Task goal: Copy out every line from the records that includes "CompositionType".

--- --- ---

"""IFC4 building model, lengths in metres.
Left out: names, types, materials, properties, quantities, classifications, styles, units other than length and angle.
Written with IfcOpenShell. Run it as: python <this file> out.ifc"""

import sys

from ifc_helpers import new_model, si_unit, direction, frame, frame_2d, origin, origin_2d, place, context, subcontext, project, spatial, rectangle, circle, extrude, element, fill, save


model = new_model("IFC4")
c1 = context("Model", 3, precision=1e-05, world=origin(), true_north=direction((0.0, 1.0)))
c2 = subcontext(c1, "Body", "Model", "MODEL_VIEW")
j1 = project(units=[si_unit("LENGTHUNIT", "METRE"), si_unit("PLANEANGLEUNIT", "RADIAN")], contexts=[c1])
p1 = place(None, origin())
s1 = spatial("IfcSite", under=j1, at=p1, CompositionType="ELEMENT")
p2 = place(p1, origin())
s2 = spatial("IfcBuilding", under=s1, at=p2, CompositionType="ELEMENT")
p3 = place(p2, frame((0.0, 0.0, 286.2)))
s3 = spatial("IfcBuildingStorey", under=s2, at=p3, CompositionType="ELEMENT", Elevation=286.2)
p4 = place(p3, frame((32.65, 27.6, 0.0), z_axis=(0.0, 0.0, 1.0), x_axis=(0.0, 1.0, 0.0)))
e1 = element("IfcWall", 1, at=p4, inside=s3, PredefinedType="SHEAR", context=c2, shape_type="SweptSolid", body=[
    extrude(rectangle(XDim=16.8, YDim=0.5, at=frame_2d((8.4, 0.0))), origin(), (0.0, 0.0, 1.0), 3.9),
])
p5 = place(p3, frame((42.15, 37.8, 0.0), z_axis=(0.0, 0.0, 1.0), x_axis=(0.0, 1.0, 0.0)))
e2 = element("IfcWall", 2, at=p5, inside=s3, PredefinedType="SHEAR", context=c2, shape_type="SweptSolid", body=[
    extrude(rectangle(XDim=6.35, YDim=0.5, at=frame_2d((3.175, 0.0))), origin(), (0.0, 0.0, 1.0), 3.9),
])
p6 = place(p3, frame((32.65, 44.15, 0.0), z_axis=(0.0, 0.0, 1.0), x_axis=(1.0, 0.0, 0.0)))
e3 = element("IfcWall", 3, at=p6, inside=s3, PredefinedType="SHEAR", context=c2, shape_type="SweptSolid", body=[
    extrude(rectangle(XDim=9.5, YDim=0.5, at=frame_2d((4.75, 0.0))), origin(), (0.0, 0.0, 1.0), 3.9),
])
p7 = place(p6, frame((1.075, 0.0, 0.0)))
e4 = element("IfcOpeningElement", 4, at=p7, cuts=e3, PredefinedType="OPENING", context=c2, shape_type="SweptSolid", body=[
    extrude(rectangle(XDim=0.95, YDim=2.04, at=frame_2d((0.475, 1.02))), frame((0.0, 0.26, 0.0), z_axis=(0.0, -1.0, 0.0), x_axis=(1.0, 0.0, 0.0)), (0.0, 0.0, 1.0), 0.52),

--- --- ---

Result:
s1 = spatial("IfcSite", under=j1, at=p1, CompositionType="ELEMENT")
s2 = spatial("IfcBuilding", under=s1, at=p2, CompositionType="ELEMENT")
s3 = spatial("IfcBuildingStorey", under=s2, at=p3, CompositionType="ELEMENT", Elevation=286.2)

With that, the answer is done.